**Records for this exercise**
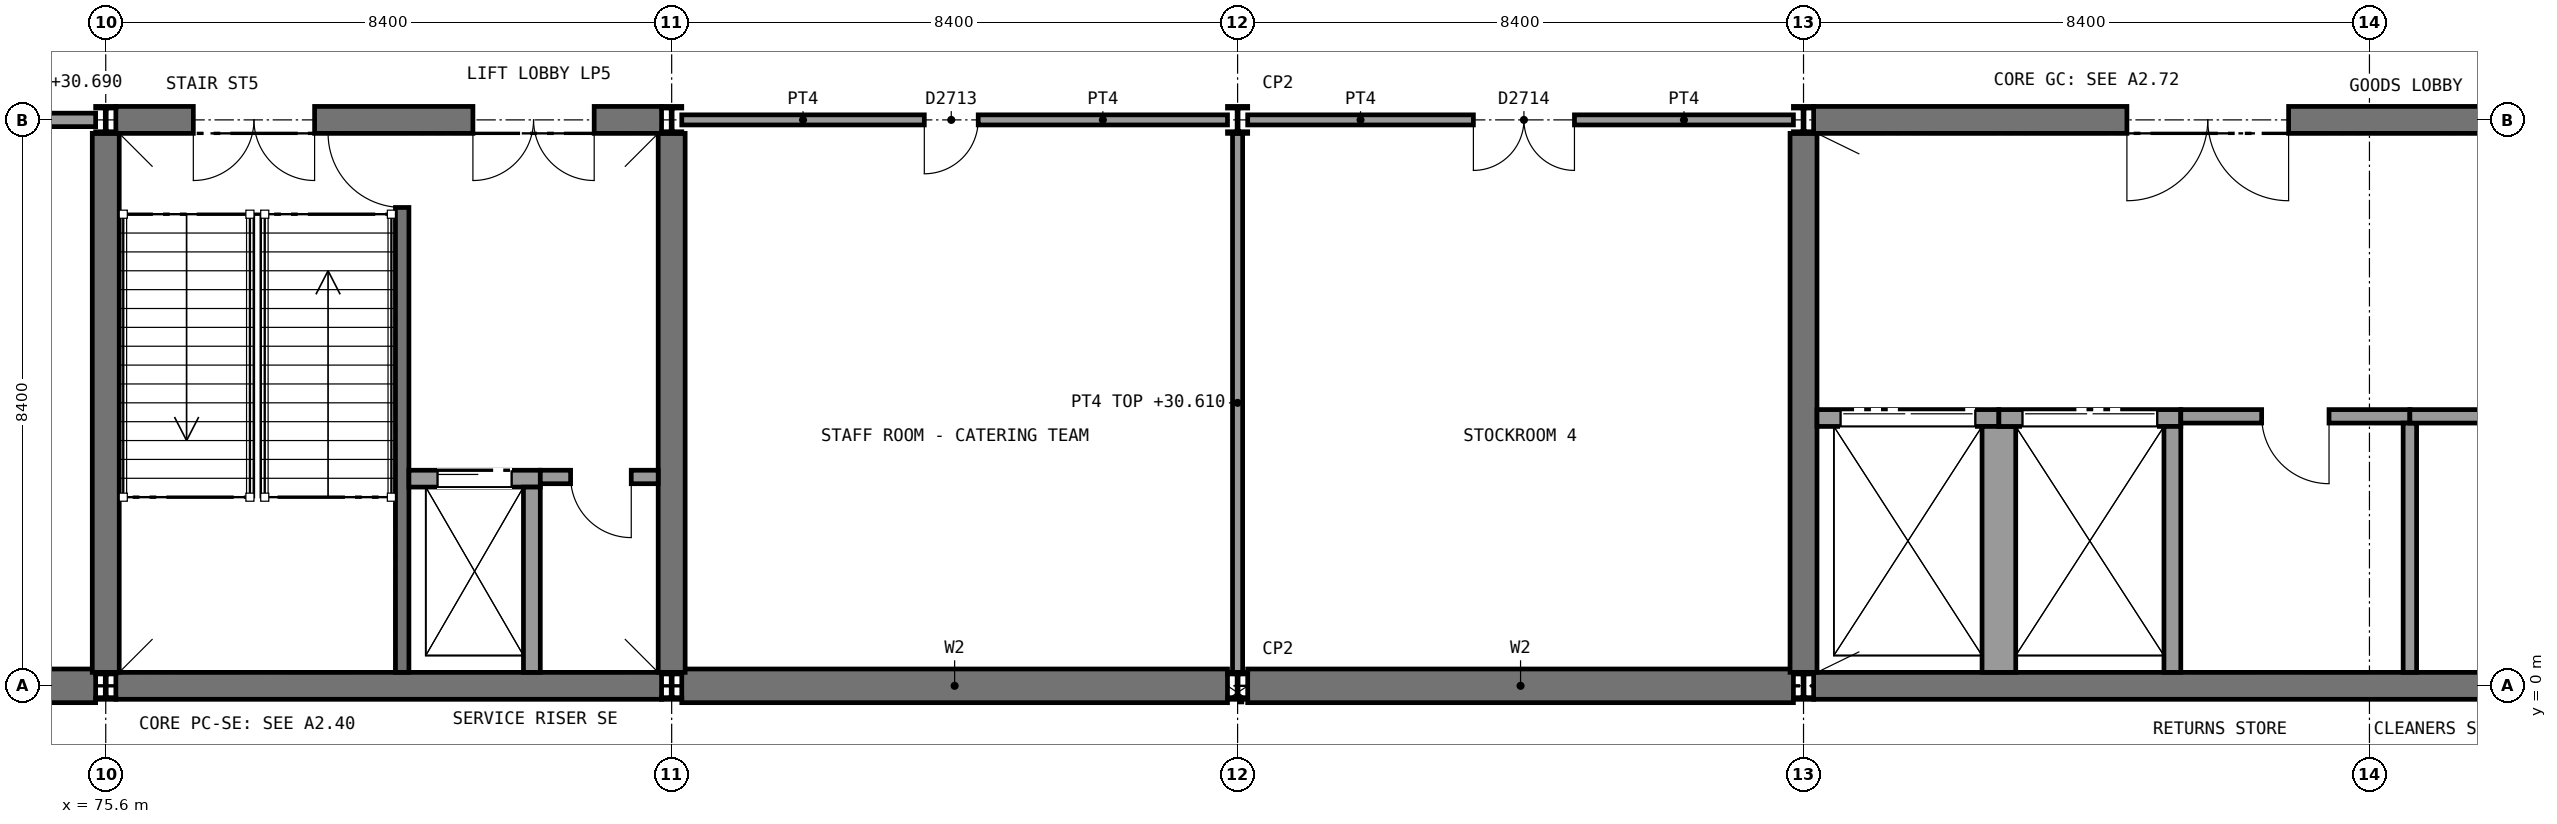
"""IFC4 building model, lengths in metres.
Left out: names, types, materials, properties, quantities, classifications, styles, units other than length and angle.
Written with IfcOpenShell. Run it as: python <this file> out.ifc"""

import sys

from ifc_helpers import new_model, si_unit, direction, frame, frame_2d, origin, origin_2d, place, context, subcontext, project, spatial, rectangle, i_section, extrude, element, fill, save


model = new_model("IFC4")
c1 = context("Model", 3, precision=1e-05, world=origin(), true_north=direction((0.0, 1.0)))
c2 = subcontext(c1, "Body", "Model", "MODEL_VIEW")
j1 = project(units=[si_unit("LENGTHUNIT", "METRE"), si_unit("PLANEANGLEUNIT", "RADIAN")], contexts=[c1])
p1 = place(None, origin())
s1 = spatial("IfcSite", under=j1, at=p1, CompositionType="ELEMENT")
p2 = place(p1, origin())
s2 = spatial("IfcBuilding", under=s1, at=p2, CompositionType="ELEMENT")
p3 = place(p2, frame((0.0, 0.0, 25.8)))
s3 = spatial("IfcBuildingStorey", under=s2, at=p3, CompositionType="ELEMENT", Elevation=25.8)
p4 = place(p3, frame((67.35, 0.0, 0.0), z_axis=(0.0, 0.0, 1.0), x_axis=(1.0, 0.0, 0.0)))
e1 = element("IfcWall", 1, at=p4, inside=s3, PredefinedType="SHEAR", context=c2, shape_type="SweptSolid", body=[
    extrude(rectangle(XDim=8.1, YDim=0.5, at=frame_2d((4.05, 0.0))), origin(), (0.0, 0.0, 1.0), 5.2),
])
p5 = place(p3, frame((84.15, 0.0, 0.0), z_axis=(0.0, 0.0, 1.0), x_axis=(1.0, 0.0, 0.0)))
e2 = element("IfcWall", 2, at=p5, inside=s3, PredefinedType="SHEAR", context=c2, shape_type="SweptSolid", body=[
    extrude(rectangle(XDim=8.1, YDim=0.5, at=frame_2d((4.05, 0.0))), origin(), (0.0, 0.0, 1.0), 5.2),
])
p6 = place(p3, frame((92.55, 0.0, 0.0), z_axis=(0.0, 0.0, 1.0), x_axis=(1.0, 0.0, 0.0)))
e3 = element("IfcWall", 3, at=p6, inside=s3, PredefinedType="SHEAR", context=c2, shape_type="SweptSolid", body=[
    extrude(rectangle(XDim=8.1, YDim=0.5, at=frame_2d((4.05, 0.0))), origin(), (0.0, 0.0, 1.0), 5.2),
])
p7 = place(p3, frame((75.75, 0.0, 0.0), z_axis=(0.0, 0.0, 1.0), x_axis=(1.0, 0.0, 0.0)))
e4 = element("IfcWall", 4, at=p7, inside=s3, PredefinedType="SHEAR", context=c2, shape_type="SweptSolid", body=[
    extrude(rectangle(XDim=8.1, YDim=0.4, at=frame_2d((4.05, 0.0))), origin(), (0.0, 0.0, 1.0), 4.51),
])
p8 = place(p3, frame((75.75, 8.4, 0.0), z_axis=(0.0, 0.0, 1.0), x_axis=(1.0, 0.0, 0.0)))
e5 = element("IfcWall", 5, at=p8, inside=s3, PredefinedType="SHEAR", context=c2, shape_type="SweptSolid", body=[
    extrude(rectangle(XDim=8.1, YDim=0.4, at=frame_2d((4.05, 0.0))), origin(), (0.0, 0.0, 1.0), 4.51),
])
p9 = place(p8, frame((1.15, 0.0, 0.0)))
e6 = element("IfcOpeningElement", 6, at=p9, cuts=e5, PredefinedType="OPENING", context=c2, shape_type="SweptSolid", body=[
    extrude(rectangle(XDim=1.8, YDim=2.1, at=frame_2d((0.9, 1.05))), frame((0.0, 0.21, 0.0), z_axis=(0.0, -1.0, 0.0), x_axis=(1.0, 0.0, 0.0)), (0.0, 0.0, 1.0), 0.42),
])
p10 = place(p8, frame((5.3, 0.0, 0.0)))
e7 = element("IfcOpeningElement", 7, at=p10, cuts=e5, PredefinedType="OPENING", context=c2, shape_type="SweptSolid", body=[
    extrude(rectangle(XDim=1.8, YDim=2.1, at=frame_2d((0.9, 1.05))), frame((0.0, 0.21, 0.0), z_axis=(0.0, -1.0, 0.0), x_axis=(1.0, 0.0, 0.0)), (0.0, 0.0, 1.0), 0.42),
])
for number, where, z_axis, x_axis in (
    (8, (75.6, 0.2, 0.0), (0.0, 0.0, 1.0), (0.0, 1.0, 0.0)),
    (9, (84.0, 0.2, 0.0), (0.0, 0.0, 1.0), (0.0, 1.0, 0.0)),
):
    element("IfcWall", number, at=place(p3, frame(where, z_axis=z_axis, x_axis=x_axis)), inside=s3, PredefinedType="SHEAR", context=c2, shape_type="SweptSolid", body=[
        extrude(rectangle(XDim=8.0, YDim=0.4, at=frame_2d((4.0, 0.0))), origin(), (0.0, 0.0, 1.0), 5.2),
    ])
p11 = place(p3, frame((100.95, 0.0, 0.0), z_axis=(0.0, 0.0, 1.0), x_axis=(1.0, 0.0, 0.0)))
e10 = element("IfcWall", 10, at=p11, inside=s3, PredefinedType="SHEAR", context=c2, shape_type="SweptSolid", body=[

**Problem description**
Please filter the data down to the lines containing the word "under".

**Solution for this problem**
s1 = spatial("IfcSite", under=j1, at=p1, CompositionType="ELEMENT")
s2 = spatial("IfcBuilding", under=s1, at=p2, CompositionType="ELEMENT")
s3 = spatial("IfcBuildingStorey", under=s2, at=p3, CompositionType="ELEMENT", Elevation=25.8)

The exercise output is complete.